**Task objective**: Pictures aside, return all of the records exactly as they stand.

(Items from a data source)
·····
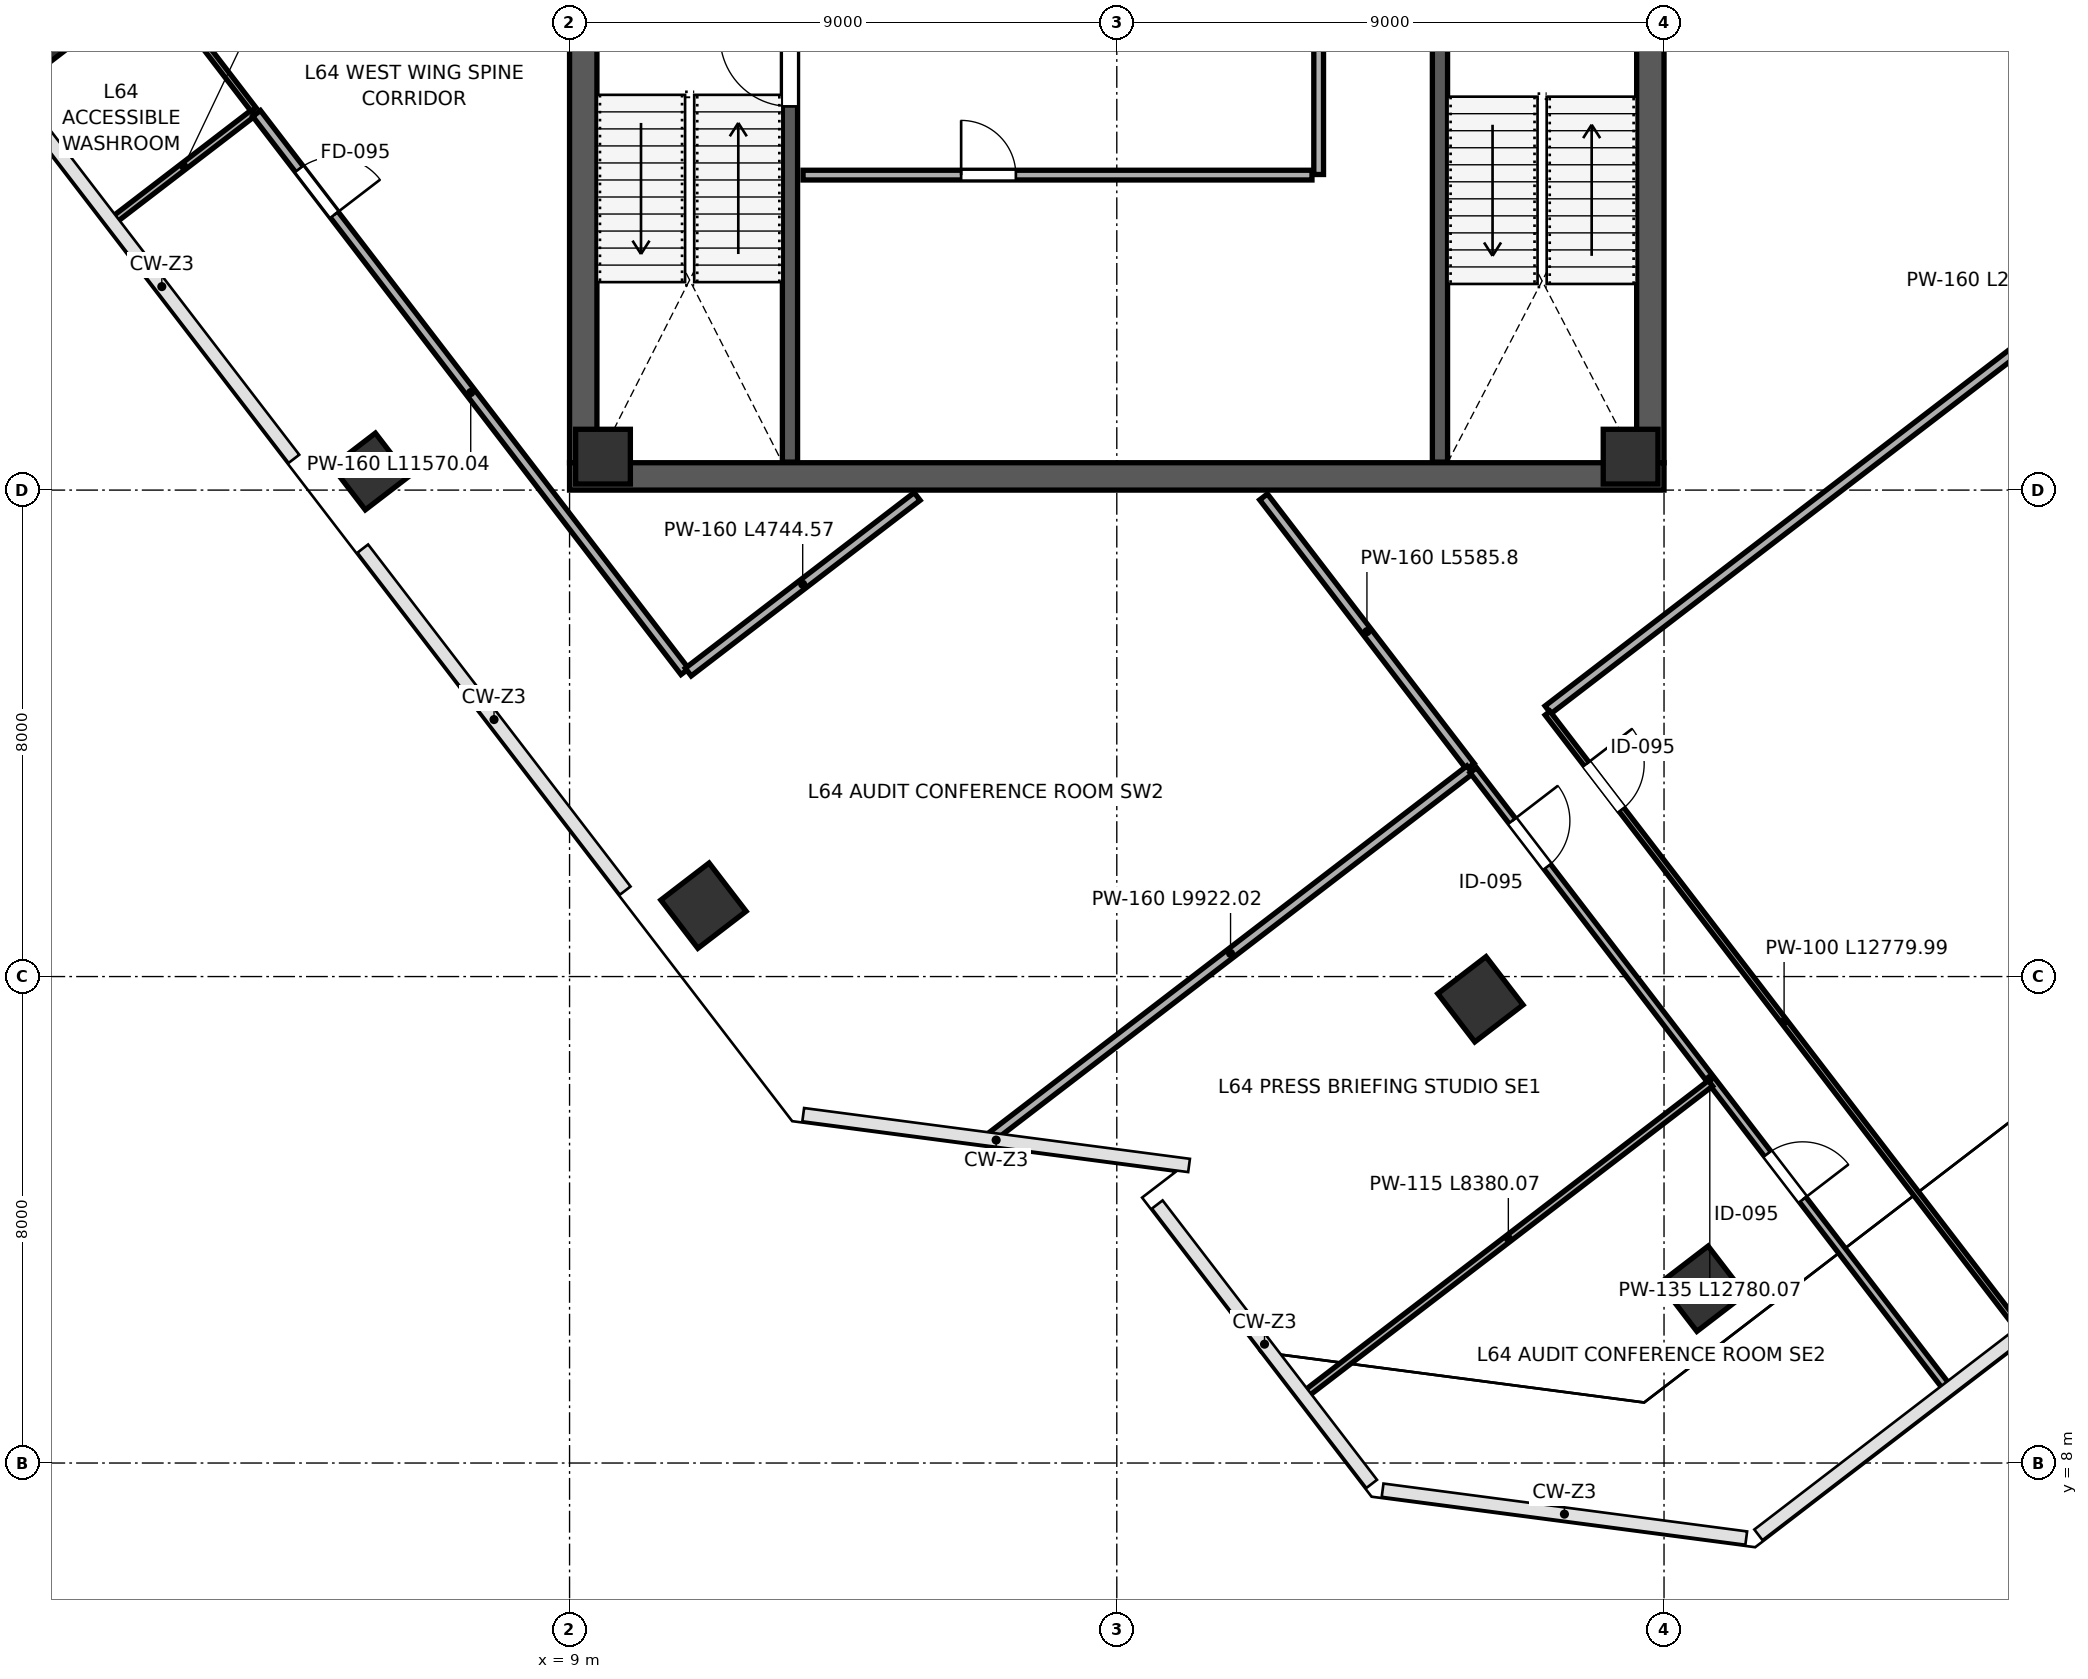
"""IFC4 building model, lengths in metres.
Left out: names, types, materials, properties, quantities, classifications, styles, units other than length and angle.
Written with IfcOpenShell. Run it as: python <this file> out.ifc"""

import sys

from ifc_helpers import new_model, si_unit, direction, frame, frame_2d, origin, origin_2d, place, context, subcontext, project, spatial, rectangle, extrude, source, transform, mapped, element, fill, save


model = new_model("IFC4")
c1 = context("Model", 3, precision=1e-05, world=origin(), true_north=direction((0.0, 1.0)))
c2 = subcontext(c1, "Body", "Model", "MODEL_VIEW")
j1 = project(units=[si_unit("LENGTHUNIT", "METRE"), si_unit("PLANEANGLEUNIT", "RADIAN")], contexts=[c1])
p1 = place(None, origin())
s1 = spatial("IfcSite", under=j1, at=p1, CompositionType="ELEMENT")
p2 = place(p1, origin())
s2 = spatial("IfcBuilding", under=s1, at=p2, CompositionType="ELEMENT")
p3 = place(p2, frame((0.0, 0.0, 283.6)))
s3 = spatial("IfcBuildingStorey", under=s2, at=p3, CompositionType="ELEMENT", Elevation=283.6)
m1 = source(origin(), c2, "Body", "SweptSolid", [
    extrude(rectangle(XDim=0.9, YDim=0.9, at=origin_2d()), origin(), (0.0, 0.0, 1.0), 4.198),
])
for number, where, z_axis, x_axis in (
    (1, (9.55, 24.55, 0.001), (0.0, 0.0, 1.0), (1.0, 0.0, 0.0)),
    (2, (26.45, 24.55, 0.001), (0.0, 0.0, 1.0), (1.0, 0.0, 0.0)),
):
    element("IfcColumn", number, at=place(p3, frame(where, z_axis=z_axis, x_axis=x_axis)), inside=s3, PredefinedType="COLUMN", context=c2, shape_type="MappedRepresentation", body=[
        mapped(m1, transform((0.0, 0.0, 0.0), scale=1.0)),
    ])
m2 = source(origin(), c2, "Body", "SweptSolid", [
·····
**Reply**:
"""IFC4 building model, lengths in metres.
Left out: names, types, materials, properties, quantities, classifications, styles, units other than length and angle.
Written with IfcOpenShell. Run it as: python <this file> out.ifc"""

import sys

from ifc_helpers import new_model, si_unit, direction, frame, frame_2d, origin, origin_2d, place, context, subcontext, project, spatial, rectangle, extrude, source, transform, mapped, element, fill, save


model = new_model("IFC4")
c1 = context("Model", 3, precision=1e-05, world=origin(), true_north=direction((0.0, 1.0)))
c2 = subcontext(c1, "Body", "Model", "MODEL_VIEW")
j1 = project(units=[si_unit("LENGTHUNIT", "METRE"), si_unit("PLANEANGLEUNIT", "RADIAN")], contexts=[c1])
p1 = place(None, origin())
s1 = spatial("IfcSite", under=j1, at=p1, CompositionType="ELEMENT")
p2 = place(p1, origin())
s2 = spatial("IfcBuilding", under=s1, at=p2, CompositionType="ELEMENT")
p3 = place(p2, frame((0.0, 0.0, 283.6)))
s3 = spatial("IfcBuildingStorey", under=s2, at=p3, CompositionType="ELEMENT", Elevation=283.6)
m1 = source(origin(), c2, "Body", "SweptSolid", [
    extrude(rectangle(XDim=0.9, YDim=0.9, at=origin_2d()), origin(), (0.0, 0.0, 1.0), 4.198),
])
for number, where, z_axis, x_axis in (
    (1, (9.55, 24.55, 0.001), (0.0, 0.0, 1.0), (1.0, 0.0, 0.0)),
    (2, (26.45, 24.55, 0.001), (0.0, 0.0, 1.0), (1.0, 0.0, 0.0)),
):
    element("IfcColumn", number, at=place(p3, frame(where, z_axis=z_axis, x_axis=x_axis)), inside=s3, PredefinedType="COLUMN", context=c2, shape_type="MappedRepresentation", body=[
        mapped(m1, transform((0.0, 0.0, 0.0), scale=1.0)),
    ])
m2 = source(origin(), c2, "Body", "SweptSolid", [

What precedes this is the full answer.